SOURCE DATA START
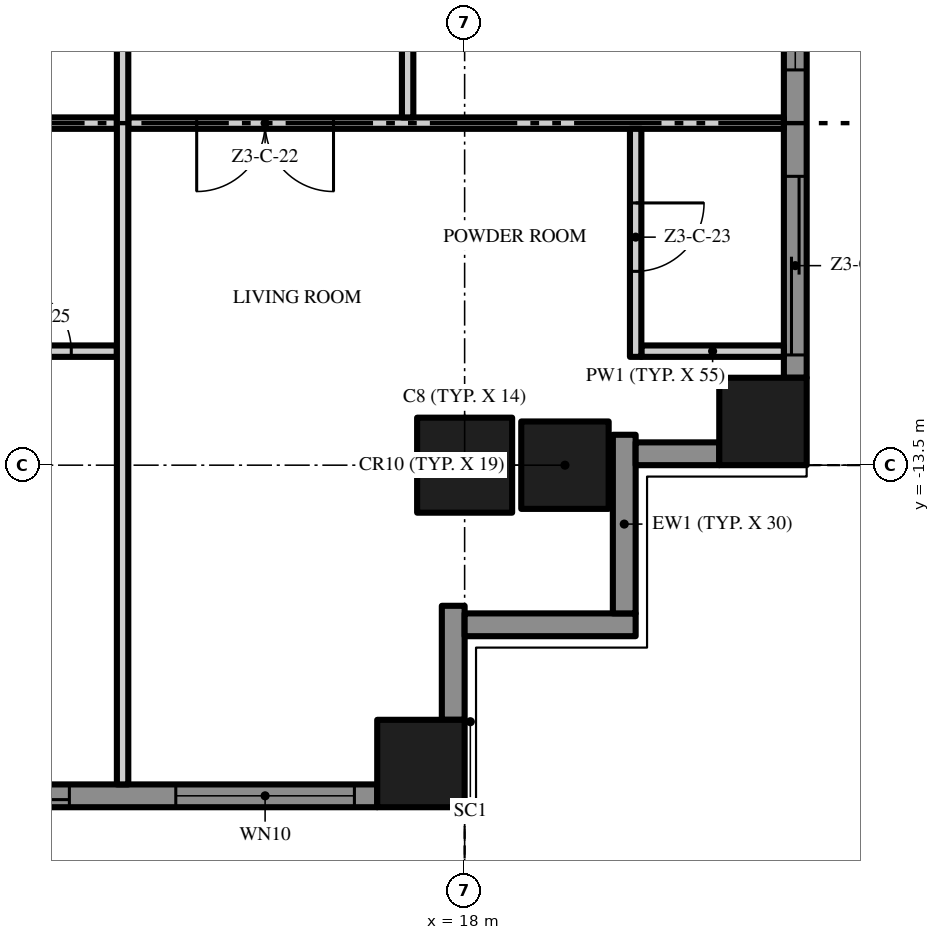
"""IFC4 building model, lengths in metres.
Left out: names, types, materials, properties, quantities, classifications, styles, units other than length and angle.
Written with IfcOpenShell. Run it as: python <this file> out.ifc"""

import sys

from ifc_helpers import new_model, si_unit, direction, frame, frame_2d, origin, origin_2d, place, context, subcontext, project, spatial, polyline, rectangle, outline, extrude, element, fill, save


model = new_model("IFC4")
c1 = context("Model", 3, precision=1e-05, world=origin(), true_north=direction((0.0, 1.0)))
c2 = subcontext(c1, "Body", "Model", "MODEL_VIEW")
j1 = project(units=[si_unit("LENGTHUNIT", "METRE"), si_unit("PLANEANGLEUNIT", "RADIAN")], contexts=[c1])
p1 = place(None, origin())
s1 = spatial("IfcSite", under=j1, at=p1, CompositionType="ELEMENT")
p2 = place(p1, origin())
s2 = spatial("IfcBuilding", under=s1, at=p2, CompositionType="ELEMENT")
p3 = place(p2, frame((0.0, 0.0, 151.6)))
s3 = spatial("IfcBuildingStorey", under=s2, at=p3, CompositionType="ELEMENT", Elevation=151.6)
p4 = place(p3, frame((18.0, -13.5, 0.0), z_axis=(0.0, 0.0, 1.0), x_axis=(1.0, 0.0, 0.0)))
e1 = element("IfcColumn", 1, at=p4, inside=s3, PredefinedType="COLUMN", context=c2, shape_type="SweptSolid", body=[
    extrude(rectangle(XDim=1.25, YDim=1.25, at=origin_2d()), origin(), (0.0, 0.0, 1.0), 3.5),
])
for number, where, z_axis, x_axis in (
    (2, (17.425, -17.425, 0.0), (0.0, 0.0, 1.0), (1.0, 0.0, 0.0)),
    (3, (21.925, -12.925, 0.0), (0.0, 0.0, 1.0), (1.0, 0.0, 0.0)),
    (4, (19.32, -13.5, 0.0), (0.0, 0.0, 1.0), (1.0, 0.0, 0.0)),
):
    element("IfcColumn", number, at=place(p3, frame(where, z_axis=z_axis, x_axis=x_axis)), inside=s3, PredefinedType="COLUMN", context=c2, shape_type="SweptSolid", body=[
        extrude(rectangle(XDim=1.15, YDim=1.15, at=origin_2d()), origin(), (0.0, 0.0, 1.0), 3.5),
    ])
p5 = place(p3, frame((16.85, -17.85, 0.0), z_axis=(0.0, 0.0, 1.0), x_axis=(-1.0, 0.0, 0.0)))
e5 = element("IfcWall", 5, at=p5, inside=s3, PredefinedType="SOLIDWALL", context=c2, shape_type="SweptSolid", body=[
    extrude(rectangle(XDim=7.275, YDim=0.3, at=frame_2d((3.638, 0.0))), origin(), (0.0, 0.0, 1.0), 3.5),
])
p6 = place(p5, frame((4.05, 0.0, 0.0)))
e6 = element("IfcOpeningElement", 6, at=p6, cuts=e5, PredefinedType="OPENING", context=c2, shape_type="SweptSolid", body=[
    extrude(rectangle(XDim=2.9, YDim=2.4, at=frame_2d((1.45, 1.2))), frame((0.0, 0.16, 0.0), z_axis=(0.0, -1.0, 0.0), x_axis=(1.0, 0.0, 0.0)), (0.0, 0.0, 1.0), 0.32),
])
p7 = place(p5, frame((0.3, 0.0, 0.45)))
e7 = element("IfcOpeningElement", 7, at=p7, cuts=e5, PredefinedType="OPENING", context=c2, shape_type="SweptSolid", body=[
    extrude(rectangle(XDim=2.35, YDim=2.65, at=frame_2d((1.175, 1.325))), frame((0.0, 0.16, 0.0), z_axis=(0.0, -1.0, 0.0), x_axis=(1.0, 0.0, 0.0)), (0.0, 0.0, 1.0), 0.32),
])
p8 = place(p3, frame((17.85, -15.35, 0.0), z_axis=(0.0, 0.0, 1.0), x_axis=(0.0, -1.0, 0.0)))
e8 = element("IfcWall", 8, at=p8, inside=s3, PredefinedType="SOLIDWALL", context=c2, shape_type="SweptSolid", body=[
    extrude(rectangle(XDim=1.5, YDim=0.3, at=frame_2d((0.75, 0.0))), origin(), (0.0, 0.0, 1.0), 3.5),
])
p9 = place(p3, frame((20.25, -15.6, 0.0), z_axis=(0.0, 0.0, 1.0), x_axis=(-1.0, 0.0, 0.0)))
e9 = element("IfcWall", 9, at=p9, inside=s3, PredefinedType="SOLIDWALL", context=c2, shape_type="SweptSolid", body=[
    extrude(rectangle(XDim=2.25, YDim=0.3, at=frame_2d((1.125, 0.0))), origin(), (0.0, 0.0, 1.0), 3.5),
])
p10 = place(p3, frame((20.1, -13.1, 0.0), z_axis=(0.0, 0.0, 1.0), x_axis=(0.0, -1.0, 0.0)))
e10 = element("IfcWall", 10, at=p10, inside=s3, PredefinedType="SOLIDWALL", context=c2, shape_type="SweptSolid", body=[
    extrude(rectangle(XDim=2.35, YDim=0.3, at=frame_2d((1.175, 0.0))), origin(), (0.0, 0.0, 1.0), 3.5),
])
p11 = place(p3, frame((21.35, -13.35, 0.0), z_axis=(0.0, 0.0, 1.0), x_axis=(-1.0, 0.0, 0.0)))
e11 = element("IfcWall", 11, at=p11, inside=s3, PredefinedType="SOLIDWALL", context=c2, shape_type="SweptSolid", body=[
    extrude(rectangle(XDim=1.1, YDim=0.3, at=frame_2d((0.55, 0.0))), origin(), (0.0, 0.0, 1.0), 3.5),
])
p12 = place(p3, frame((22.35, -5.075, 0.0), z_axis=(0.0, 0.0, 1.0), x_axis=(0.0, -1.0, 0.0)))
e12 = element("IfcWall", 12, at=p12, inside=s3, PredefinedType="SOLIDWALL", context=c2, shape_type="SweptSolid", body=[
    extrude(rectangle(XDim=7.275, YDim=0.3, at=frame_2d((3.638, 0.0))), origin(), (0.0, 0.0, 1.0), 3.5),
])
p13 = place(p12, frame((4.625, 0.0, 0.0)))
e13 = element("IfcOpeningElement", 13, at=p13, cuts=e12, PredefinedType="OPENING", context=c2, shape_type="SweptSolid", body=[
    extrude(rectangle(XDim=2.35, YDim=2.4, at=frame_2d((1.175, 1.2))), frame((0.0, 0.16, 0.0), z_axis=(0.0, -1.0, 0.0), x_axis=(1.0, 0.0, 0.0)), (0.0, 0.0, 1.0), 0.32),
])
p14 = place(p12, frame((0.325, 0.0, 0.45)))
e14 = element("IfcOpeningElement", 14, at=p14, cuts=e12, PredefinedType="OPENING", context=c2, shape_type="SweptSolid", body=[
    extrude(rectangle(XDim=2.9, YDim=2.65, at=frame_2d((1.45, 1.325))), frame((0.0, 0.16, 0.0), z_axis=(0.0, -1.0, 0.0), x_axis=(1.0, 0.0, 0.0)), (0.0, 0.0, 1.0), 0.32),
])
p15 = place(p3, origin())
e15 = element("IfcWall", 15, at=p15, inside=s3, PredefinedType="USERDEFINED", context=c2, shape_type="SweptSolid", body=[
    extrude(outline(polyline([(-18.0, -21.0), (-16.5, -20.771), (-15.0, -20.171), (-13.5, -19.429), (-12.0, -18.829), (-10.5, -18.6), (-9.0, -18.829), (-7.5, -19.429), (-6.0, -20.171), (-4.5, -20.771), (-3.0, -21.0), (-1.5, -20.771), (0.0, -20.171), (1.5, -19.429), (3.0, -18.829), (4.5, -18.6), (6.0, -18.829), (7.5, -19.429), (9.0, -20.171), (10.5, -20.771), (12.0, -21.0), (13.5, -20.771), (15.0, -20.171), (16.5, -19.429), (18.0, -18.829), (17.907, -18.597), (16.398, -19.201), (14.898, -19.942), (13.434, -20.528), (12.0, -20.747), (10.566, -20.528), (9.102, -19.942), (7.602, -19.201), (6.066, -18.586), (4.5, -18.347), (2.934, -18.586), (1.398, -19.201), (-0.102, -19.942), (-1.566, -20.528), (-3.0, -20.747), (-4.434, -20.528), (-5.898, -19.942), (-7.398, -19.201), (-8.934, -18.586), (-10.5, -18.347), (-12.066, -18.586), (-13.602, -19.201), (-15.102, -19.942), (-16.566, -20.528), (-18.038, -20.753), (-18.0, -21.0)])), origin(), (0.0, 0.0, 1.0), 0.9),
])
p16 = place(p3, origin())
e16 = element("IfcWall", 16, at=p16, inside=s3, PredefinedType="USERDEFINED", context=c2, shape_type="SweptSolid", body=[
    extrude(outline(polyline([(25.5, -13.5), (25.271, -12.0), (24.671, -10.5), (23.929, -9.0), (23.329, -7.5), (23.1, -6.0), (23.329, -4.5), (23.929, -3.0), (24.671, -1.5), (25.271, 0.0), (25.5, 1.5), (25.271, 3.0), (24.671, 4.5), (23.929, 6.0), (23.329, 7.5), (23.1, 9.0), (23.329, 10.5), (23.929, 12.0), (24.671, 13.5), (25.271, 15.0), (25.5, 16.5), (25.271, 18.0), (25.024, 17.962), (25.247, 16.5), (25.028, 15.066), (24.442, 13.602), (23.701, 12.102), (23.086, 10.566), (22.847, 9.0), (23.086, 7.434), (23.701, 5.898), (24.442, 4.398), (25.028, 2.934), (25.247, 1.5), (25.028, 0.066), (24.442, -1.398), (23.701, -2.898), (23.086, -4.434), (22.847, -6.0), (23.086, -7.566), (23.701, -9.102), (24.442, -10.602), (25.028, -12.066), (25.253, -13.538), (25.5, -13.5)])), origin(), (0.0, 0.0, 1.0), 0.9),
])
p17 = place(p3, frame((11.325, -12.0, 0.0), z_axis=(0.0, 0.0, 1.0), x_axis=(1.0, 0.0, 0.0)))
e17 = element("IfcWall", 17, at=p17, inside=s3, PredefinedType="PARTITIONING", context=c2, shape_type="SweptSolid", body=[
    extrude(rectangle(XDim=2.1, YDim=0.15, at=frame_2d((1.05, 0.0))), origin(), (0.0, 0.0, 1.0), 3.5),
])
p18 = place(p17, frame((0.6, 0.0, 0.0)))
e18 = element("IfcOpeningElement", 18, at=p18, cuts=e17, PredefinedType="OPENING", context=c2, shape_type="SweptSolid", body=[
    extrude(rectangle(XDim=0.9, YDim=2.1, at=frame_2d((0.45, 1.05))), frame((0.0, 0.085, 0.0), z_axis=(0.0, -1.0, 0.0), x_axis=(1.0, 0.0, 0.0)), (0.0, 0.0, 1.0), 0.17),
])
p19 = place(p3, frame((20.325, -12.0, 0.0), z_axis=(0.0, 0.0, 1.0), x_axis=(1.0, 0.0, 0.0)))
e19 = element("IfcWall", 19, at=p19, inside=s3, PredefinedType="PARTITIONING", context=c2, shape_type="SweptSolid", body=[
    extrude(rectangle(XDim=1.875, YDim=0.15, at=frame_2d((0.938, 0.0))), origin(), (0.0, 0.0, 1.0), 3.5),
])
p20 = place(p3, frame((11.325, -9.0, 0.0), z_axis=(0.0, 0.0, 1.0), x_axis=(1.0, 0.0, 0.0)))
e20 = element("IfcWall", 20, at=p20, inside=s3, PredefinedType="PARTITIONING", context=c2, shape_type="SweptSolid", body=[
    extrude(rectangle(XDim=2.1, YDim=0.15, at=frame_2d((1.05, 0.0))), origin(), (0.0, 0.0, 1.0), 3.5),
])
p21 = place(p3, frame((22.2, -9.0, 0.0), z_axis=(0.0, 0.0, 1.0), x_axis=(-1.0, 0.0, 0.0)))
e21 = element("IfcWall", 21, at=p21, inside=s3, PredefinedType="PARTITIONING", context=c2, shape_type="SweptSolid", body=[
    extrude(rectangle(XDim=8.625, YDim=0.15, at=frame_2d((4.312, 0.0))), origin(), (0.0, 0.0, 1.0), 3.5),
])
p22 = place(p21, frame((5.925, 0.0, 0.0)))
e22 = element("IfcOpeningElement", 22, at=p22, cuts=e21, PredefinedType="OPENING", context=c2, shape_type="SweptSolid", body=[
    extrude(rectangle(XDim=1.8, YDim=2.4, at=frame_2d((0.9, 1.2))), frame((0.0, 0.085, 0.0), z_axis=(0.0, -1.0, 0.0), x_axis=(1.0, 0.0, 0.0)), (0.0, 0.0, 1.0), 0.17),
])
p23 = place(p3, frame((13.5, -17.7, 0.0), z_axis=(0.0, 0.0, 1.0), x_axis=(0.0, 1.0, 0.0)))
e23 = element("IfcWall", 23, at=p23, inside=s3, PredefinedType="PARTITIONING", context=c2, shape_type="SweptSolid", body=[
    extrude(rectangle(XDim=13.275, YDim=0.15, at=frame_2d((6.638, 0.0))), origin(), (0.0, 0.0, 1.0), 3.5),
])
p24 = place(p23, frame((10.5, 0.0, 0.0)))
e24 = element("IfcOpeningElement", 24, at=p24, cuts=e23, PredefinedType="OPENING", context=c2, shape_type="SweptSolid", body=[
    extrude(rectangle(XDim=0.9, YDim=2.1, at=frame_2d((0.45, 1.05))), frame((0.0, 0.085, 0.0), z_axis=(0.0, -1.0, 0.0), x_axis=(1.0, 0.0, 0.0)), (0.0, 0.0, 1.0), 0.17),
])
p25 = place(p3, frame((17.25, -8.925, 0.0), z_axis=(0.0, 0.0, 1.0), x_axis=(0.0, 1.0, 0.0)))
e25 = element("IfcWall", 25, at=p25, inside=s3, PredefinedType="PARTITIONING", context=c2, shape_type="SweptSolid", body=[
    extrude(rectangle(XDim=4.5, YDim=0.15, at=frame_2d((2.25, 0.0))), origin(), (0.0, 0.0, 1.0), 3.5),
])
p26 = place(p3, frame((20.25, -9.075, 0.0), z_axis=(0.0, 0.0, 1.0), x_axis=(0.0, -1.0, 0.0)))
e26 = element("IfcWall", 26, at=p26, inside=s3, PredefinedType="PARTITIONING", context=c2, shape_type="SweptSolid", body=[
    extrude(rectangle(XDim=3.0, YDim=0.15, at=frame_2d((1.5, 0.0))), origin(), (0.0, 0.0, 1.0), 3.5),
])
p27 = place(p26, frame((0.975, 0.0, 0.0)))
e27 = element("IfcOpeningElement", 27, at=p27, cuts=e26, PredefinedType="OPENING", context=c2, shape_type="SweptSolid", body=[
    extrude(rectangle(XDim=0.9, YDim=2.1, at=frame_2d((0.45, 1.05))), frame((0.0, 0.085, 0.0), z_axis=(0.0, -1.0, 0.0), x_axis=(1.0, 0.0, 0.0)), (0.0, 0.0, 1.0), 0.17),
])
p28 = place(p6, origin())
e28 = element("IfcDoor", 28, at=p28, inside=s3, OperationType="SINGLE_SWING_LEFT", PredefinedType="DOOR", context=c2, shape_type="SweptSolid", body=[
    extrude(rectangle(XDim=2.9, YDim=2.4, at=frame_2d((1.45, 1.2))), frame((0.0, 0.025, 0.0), z_axis=(0.0, -1.0, 0.0), x_axis=(1.0, 0.0, 0.0)), (0.0, 0.0, 1.0), 0.05),
])
fill(e6, e28)
p29 = place(p7, origin())
e29 = element("IfcWindow", 29, at=p29, inside=s3, PartitioningType="SINGLE_PANEL", PredefinedType="WINDOW", context=c2, shape_type="SweptSolid", body=[
    extrude(rectangle(XDim=2.35, YDim=2.65, at=frame_2d((1.175, 1.325))), frame((0.0, 0.03, 0.0), z_axis=(0.0, -1.0, 0.0), x_axis=(1.0, 0.0, 0.0)), (0.0, 0.0, 1.0), 0.06),
])
fill(e7, e29)
p30 = place(p13, origin())
e30 = element("IfcDoor", 30, at=p30, inside=s3, OperationType="SINGLE_SWING_LEFT", PredefinedType="DOOR", context=c2, shape_type="SweptSolid", body=[
    extrude(rectangle(XDim=2.35, YDim=2.4, at=frame_2d((1.175, 1.2))), frame((0.0, 0.025, 0.0), z_axis=(0.0, -1.0, 0.0), x_axis=(1.0, 0.0, 0.0)), (0.0, 0.0, 1.0), 0.05),
])
fill(e13, e30)
p31 = place(p14, origin())
e31 = element("IfcWindow", 31, at=p31, inside=s3, PartitioningType="SINGLE_PANEL", PredefinedType="WINDOW", context=c2, shape_type="SweptSolid", body=[
    extrude(rectangle(XDim=2.9, YDim=2.65, at=frame_2d((1.45, 1.325))), frame((0.0, 0.03, 0.0), z_axis=(0.0, -1.0, 0.0), x_axis=(1.0, 0.0, 0.0)), (0.0, 0.0, 1.0), 0.06),
])
fill(e14, e31)
p32 = place(p22, origin())
e32 = element("IfcDoor", 32, at=p32, inside=s3, OperationType="DOUBLE_DOOR_SINGLE_SWING", PredefinedType="DOOR", context=c2, shape_type="SweptSolid", body=[
    extrude(rectangle(XDim=1.8, YDim=2.4, at=frame_2d((0.9, 1.2))), frame((0.0, 0.025, 0.0), z_axis=(0.0, -1.0, 0.0), x_axis=(1.0, 0.0, 0.0)), (0.0, 0.0, 1.0), 0.05),
])
fill(e22, e32)
p33 = place(p27, origin())
e33 = element("IfcDoor", 33, at=p33, inside=s3, OperationType="SINGLE_SWING_LEFT", PredefinedType="DOOR", context=c2, shape_type="SweptSolid", body=[
    extrude(rectangle(XDim=0.9, YDim=2.1, at=frame_2d((0.45, 1.05))), frame((0.0, 0.025, 0.0), z_axis=(0.0, -1.0, 0.0), x_axis=(1.0, 0.0, 0.0)), (0.0, 0.0, 1.0), 0.05),
])
fill(e27, e33)
p34 = place(p18, origin())
e34 = element("IfcDoor", 34, at=p34, inside=s3, OperationType="SINGLE_SWING_LEFT", PredefinedType="DOOR", context=c2, shape_type="SweptSolid", body=[
    extrude(rectangle(XDim=0.9, YDim=2.1, at=frame_2d((0.45, 1.05))), frame((0.0, 0.025, 0.0), z_axis=(0.0, -1.0, 0.0), x_axis=(1.0, 0.0, 0.0)), (0.0, 0.0, 1.0), 0.05),
])
fill(e18, e34)
save(model, sys.argv[1])
SOURCE DATA END
■ YOUR OBJECTIVE
Scan the material above for the word "number", and copy every line in which it is found.

■ RESULT OF THIS TASK
for number, where, z_axis, x_axis in (
    element("IfcColumn", number, at=place(p3, frame(where, z_axis=z_axis, x_axis=x_axis)), inside=s3, PredefinedType="COLUMN", context=c2, shape_type="SweptSolid", body=[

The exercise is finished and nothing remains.